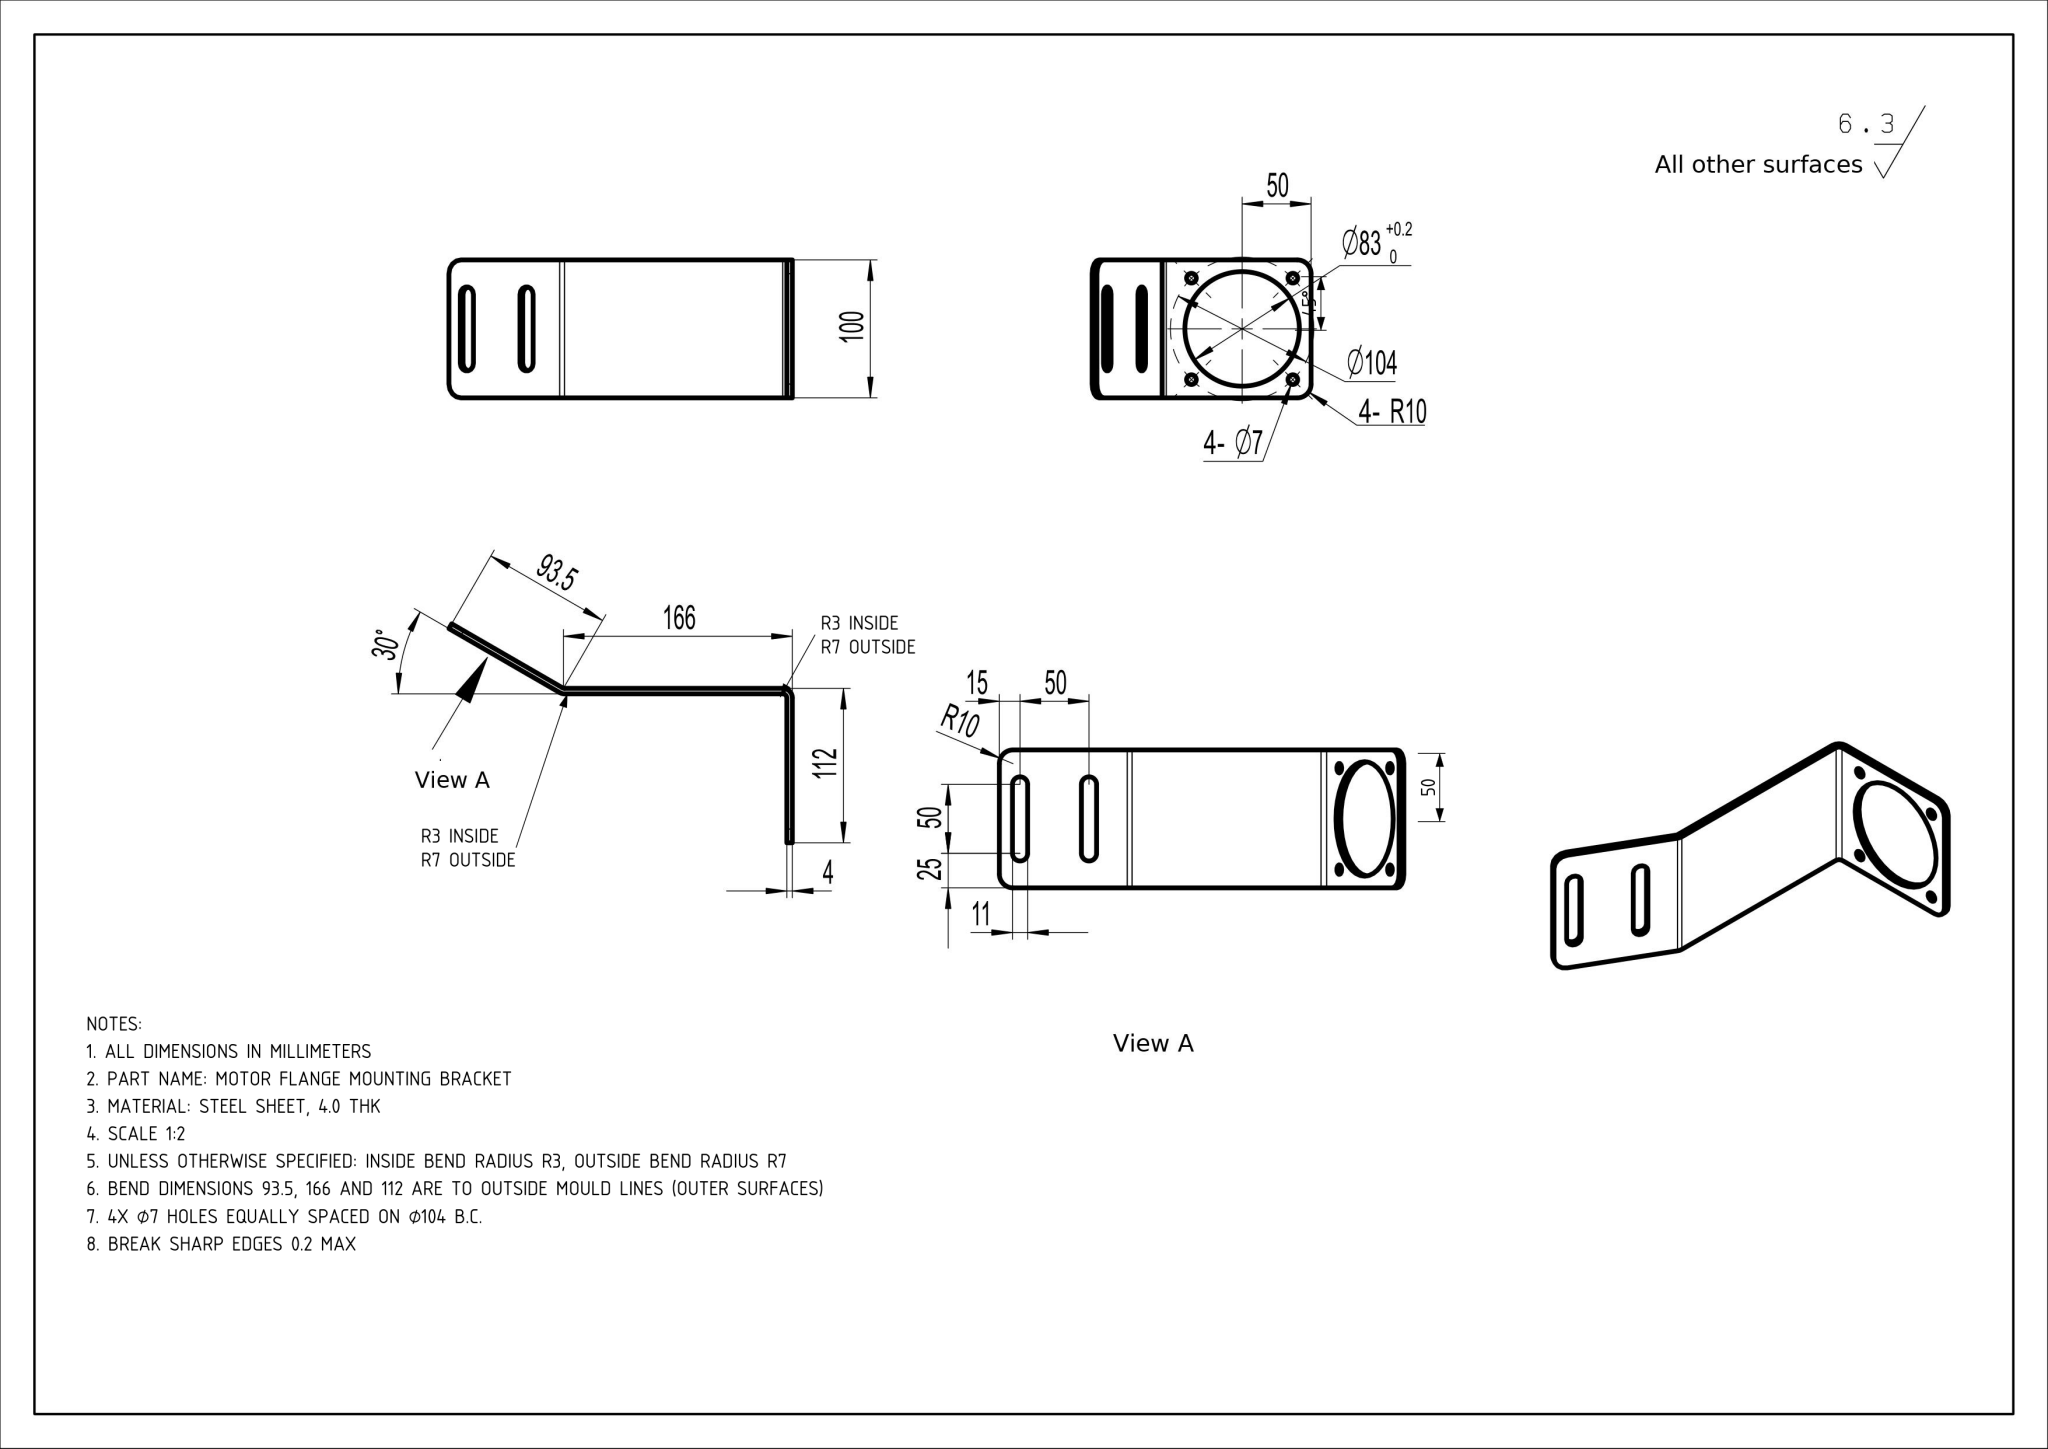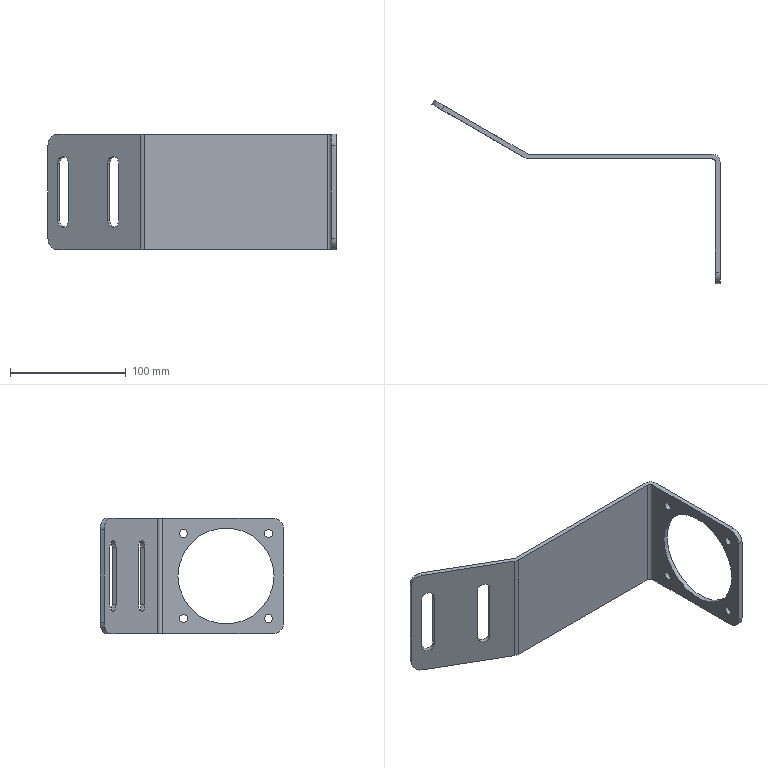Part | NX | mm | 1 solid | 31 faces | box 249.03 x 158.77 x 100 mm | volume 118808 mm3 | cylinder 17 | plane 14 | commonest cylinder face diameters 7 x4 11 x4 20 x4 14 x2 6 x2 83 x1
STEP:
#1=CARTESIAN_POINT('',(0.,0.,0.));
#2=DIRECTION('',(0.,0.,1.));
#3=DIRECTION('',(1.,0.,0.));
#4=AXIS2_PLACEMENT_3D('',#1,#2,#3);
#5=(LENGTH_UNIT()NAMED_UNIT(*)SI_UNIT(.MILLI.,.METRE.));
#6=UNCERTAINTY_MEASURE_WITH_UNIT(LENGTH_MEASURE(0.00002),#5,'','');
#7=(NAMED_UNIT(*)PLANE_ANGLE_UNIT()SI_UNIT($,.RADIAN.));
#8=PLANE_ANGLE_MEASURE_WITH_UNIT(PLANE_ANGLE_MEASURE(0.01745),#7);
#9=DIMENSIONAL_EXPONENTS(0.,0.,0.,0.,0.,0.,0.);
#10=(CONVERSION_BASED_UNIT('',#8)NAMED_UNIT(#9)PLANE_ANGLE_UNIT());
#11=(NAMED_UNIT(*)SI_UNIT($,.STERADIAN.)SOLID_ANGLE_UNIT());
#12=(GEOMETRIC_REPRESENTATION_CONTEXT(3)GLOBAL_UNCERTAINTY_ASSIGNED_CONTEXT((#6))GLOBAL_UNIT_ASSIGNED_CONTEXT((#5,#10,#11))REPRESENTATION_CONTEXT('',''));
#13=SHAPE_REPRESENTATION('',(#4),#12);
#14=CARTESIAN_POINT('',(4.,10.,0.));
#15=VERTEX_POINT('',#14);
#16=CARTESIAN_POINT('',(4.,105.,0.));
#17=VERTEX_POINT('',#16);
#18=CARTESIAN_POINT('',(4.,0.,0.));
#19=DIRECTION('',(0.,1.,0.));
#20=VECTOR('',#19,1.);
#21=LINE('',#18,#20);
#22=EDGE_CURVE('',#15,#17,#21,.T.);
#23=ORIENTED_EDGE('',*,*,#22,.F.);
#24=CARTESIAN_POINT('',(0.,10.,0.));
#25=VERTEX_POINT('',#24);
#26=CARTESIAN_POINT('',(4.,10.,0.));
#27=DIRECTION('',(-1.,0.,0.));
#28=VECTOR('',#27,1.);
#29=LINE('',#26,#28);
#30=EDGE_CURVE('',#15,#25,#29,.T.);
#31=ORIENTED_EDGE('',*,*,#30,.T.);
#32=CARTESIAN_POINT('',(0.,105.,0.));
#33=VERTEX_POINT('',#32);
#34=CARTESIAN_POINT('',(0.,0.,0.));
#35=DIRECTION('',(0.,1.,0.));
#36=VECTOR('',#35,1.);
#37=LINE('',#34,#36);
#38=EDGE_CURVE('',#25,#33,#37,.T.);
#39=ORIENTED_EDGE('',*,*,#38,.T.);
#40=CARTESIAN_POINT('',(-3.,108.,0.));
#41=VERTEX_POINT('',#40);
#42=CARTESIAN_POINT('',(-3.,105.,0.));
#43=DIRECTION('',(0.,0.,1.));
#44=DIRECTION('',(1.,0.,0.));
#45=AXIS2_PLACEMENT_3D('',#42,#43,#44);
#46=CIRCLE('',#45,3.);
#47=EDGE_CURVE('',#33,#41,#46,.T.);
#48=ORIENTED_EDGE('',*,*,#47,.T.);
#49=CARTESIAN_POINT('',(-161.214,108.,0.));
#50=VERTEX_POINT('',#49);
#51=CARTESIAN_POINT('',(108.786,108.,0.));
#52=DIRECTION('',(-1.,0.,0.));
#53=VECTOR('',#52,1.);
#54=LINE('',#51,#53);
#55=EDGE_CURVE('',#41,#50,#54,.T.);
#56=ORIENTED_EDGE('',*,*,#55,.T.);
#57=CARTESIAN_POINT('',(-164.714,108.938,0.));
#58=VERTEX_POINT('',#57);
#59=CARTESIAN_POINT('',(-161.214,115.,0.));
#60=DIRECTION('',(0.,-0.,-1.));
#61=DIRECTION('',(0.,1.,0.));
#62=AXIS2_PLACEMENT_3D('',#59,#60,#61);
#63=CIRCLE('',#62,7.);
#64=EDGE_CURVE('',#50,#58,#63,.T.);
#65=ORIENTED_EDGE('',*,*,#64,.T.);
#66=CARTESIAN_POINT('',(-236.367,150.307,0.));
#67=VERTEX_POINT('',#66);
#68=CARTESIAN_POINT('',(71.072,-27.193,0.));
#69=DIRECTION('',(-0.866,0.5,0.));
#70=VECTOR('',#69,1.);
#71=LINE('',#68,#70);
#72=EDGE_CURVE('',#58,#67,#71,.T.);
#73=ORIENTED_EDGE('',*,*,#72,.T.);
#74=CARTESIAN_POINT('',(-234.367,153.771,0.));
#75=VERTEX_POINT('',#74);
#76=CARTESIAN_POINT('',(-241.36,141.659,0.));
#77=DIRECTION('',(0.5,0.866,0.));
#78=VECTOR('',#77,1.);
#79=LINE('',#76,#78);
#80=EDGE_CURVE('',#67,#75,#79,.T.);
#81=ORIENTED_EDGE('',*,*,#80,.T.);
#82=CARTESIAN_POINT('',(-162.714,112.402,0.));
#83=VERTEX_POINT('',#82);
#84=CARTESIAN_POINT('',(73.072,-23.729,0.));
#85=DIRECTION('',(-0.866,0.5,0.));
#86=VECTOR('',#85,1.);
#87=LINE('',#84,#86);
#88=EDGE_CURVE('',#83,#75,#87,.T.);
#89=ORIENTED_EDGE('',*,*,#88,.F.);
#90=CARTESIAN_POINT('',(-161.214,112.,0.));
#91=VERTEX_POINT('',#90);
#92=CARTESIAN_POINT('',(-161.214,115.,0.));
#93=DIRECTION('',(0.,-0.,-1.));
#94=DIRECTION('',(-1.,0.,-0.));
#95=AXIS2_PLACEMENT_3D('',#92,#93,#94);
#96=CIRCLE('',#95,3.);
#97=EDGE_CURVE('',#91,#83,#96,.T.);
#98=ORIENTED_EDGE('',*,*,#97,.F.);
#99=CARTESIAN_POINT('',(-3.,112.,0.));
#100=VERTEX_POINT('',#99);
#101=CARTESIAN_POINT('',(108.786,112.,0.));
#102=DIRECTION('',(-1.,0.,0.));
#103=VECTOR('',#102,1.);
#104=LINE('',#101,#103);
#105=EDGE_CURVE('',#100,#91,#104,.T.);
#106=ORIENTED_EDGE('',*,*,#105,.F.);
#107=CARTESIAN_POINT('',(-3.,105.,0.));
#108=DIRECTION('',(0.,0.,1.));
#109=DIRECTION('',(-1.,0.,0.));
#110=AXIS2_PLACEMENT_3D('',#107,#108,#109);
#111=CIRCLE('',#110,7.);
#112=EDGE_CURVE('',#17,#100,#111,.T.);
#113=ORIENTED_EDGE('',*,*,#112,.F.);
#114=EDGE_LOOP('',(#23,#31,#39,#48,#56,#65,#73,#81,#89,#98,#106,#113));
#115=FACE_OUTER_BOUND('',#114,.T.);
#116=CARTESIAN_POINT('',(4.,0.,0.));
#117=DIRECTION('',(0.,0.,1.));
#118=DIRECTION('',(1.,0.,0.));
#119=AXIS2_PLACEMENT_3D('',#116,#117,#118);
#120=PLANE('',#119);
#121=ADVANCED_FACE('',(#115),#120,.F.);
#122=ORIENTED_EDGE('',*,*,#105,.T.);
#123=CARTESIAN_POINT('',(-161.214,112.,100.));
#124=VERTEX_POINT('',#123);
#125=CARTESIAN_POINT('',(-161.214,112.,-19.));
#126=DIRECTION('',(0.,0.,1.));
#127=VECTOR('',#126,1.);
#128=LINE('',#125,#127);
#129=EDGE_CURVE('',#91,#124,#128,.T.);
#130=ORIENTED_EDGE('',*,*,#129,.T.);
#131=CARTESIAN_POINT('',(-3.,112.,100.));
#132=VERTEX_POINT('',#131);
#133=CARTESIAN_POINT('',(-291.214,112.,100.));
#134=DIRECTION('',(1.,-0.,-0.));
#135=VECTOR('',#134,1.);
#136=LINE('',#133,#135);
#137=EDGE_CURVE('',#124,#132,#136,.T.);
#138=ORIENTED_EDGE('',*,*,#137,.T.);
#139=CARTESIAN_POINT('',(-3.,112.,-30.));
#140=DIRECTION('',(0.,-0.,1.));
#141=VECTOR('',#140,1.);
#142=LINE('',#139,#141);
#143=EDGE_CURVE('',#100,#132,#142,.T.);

Problem details:
Wherever the word "CIRCLE" appears in the records above, copy that line.

Response area:
#46=CIRCLE('',#45,3.);
#63=CIRCLE('',#62,7.);
#96=CIRCLE('',#95,3.);
#111=CIRCLE('',#110,7.);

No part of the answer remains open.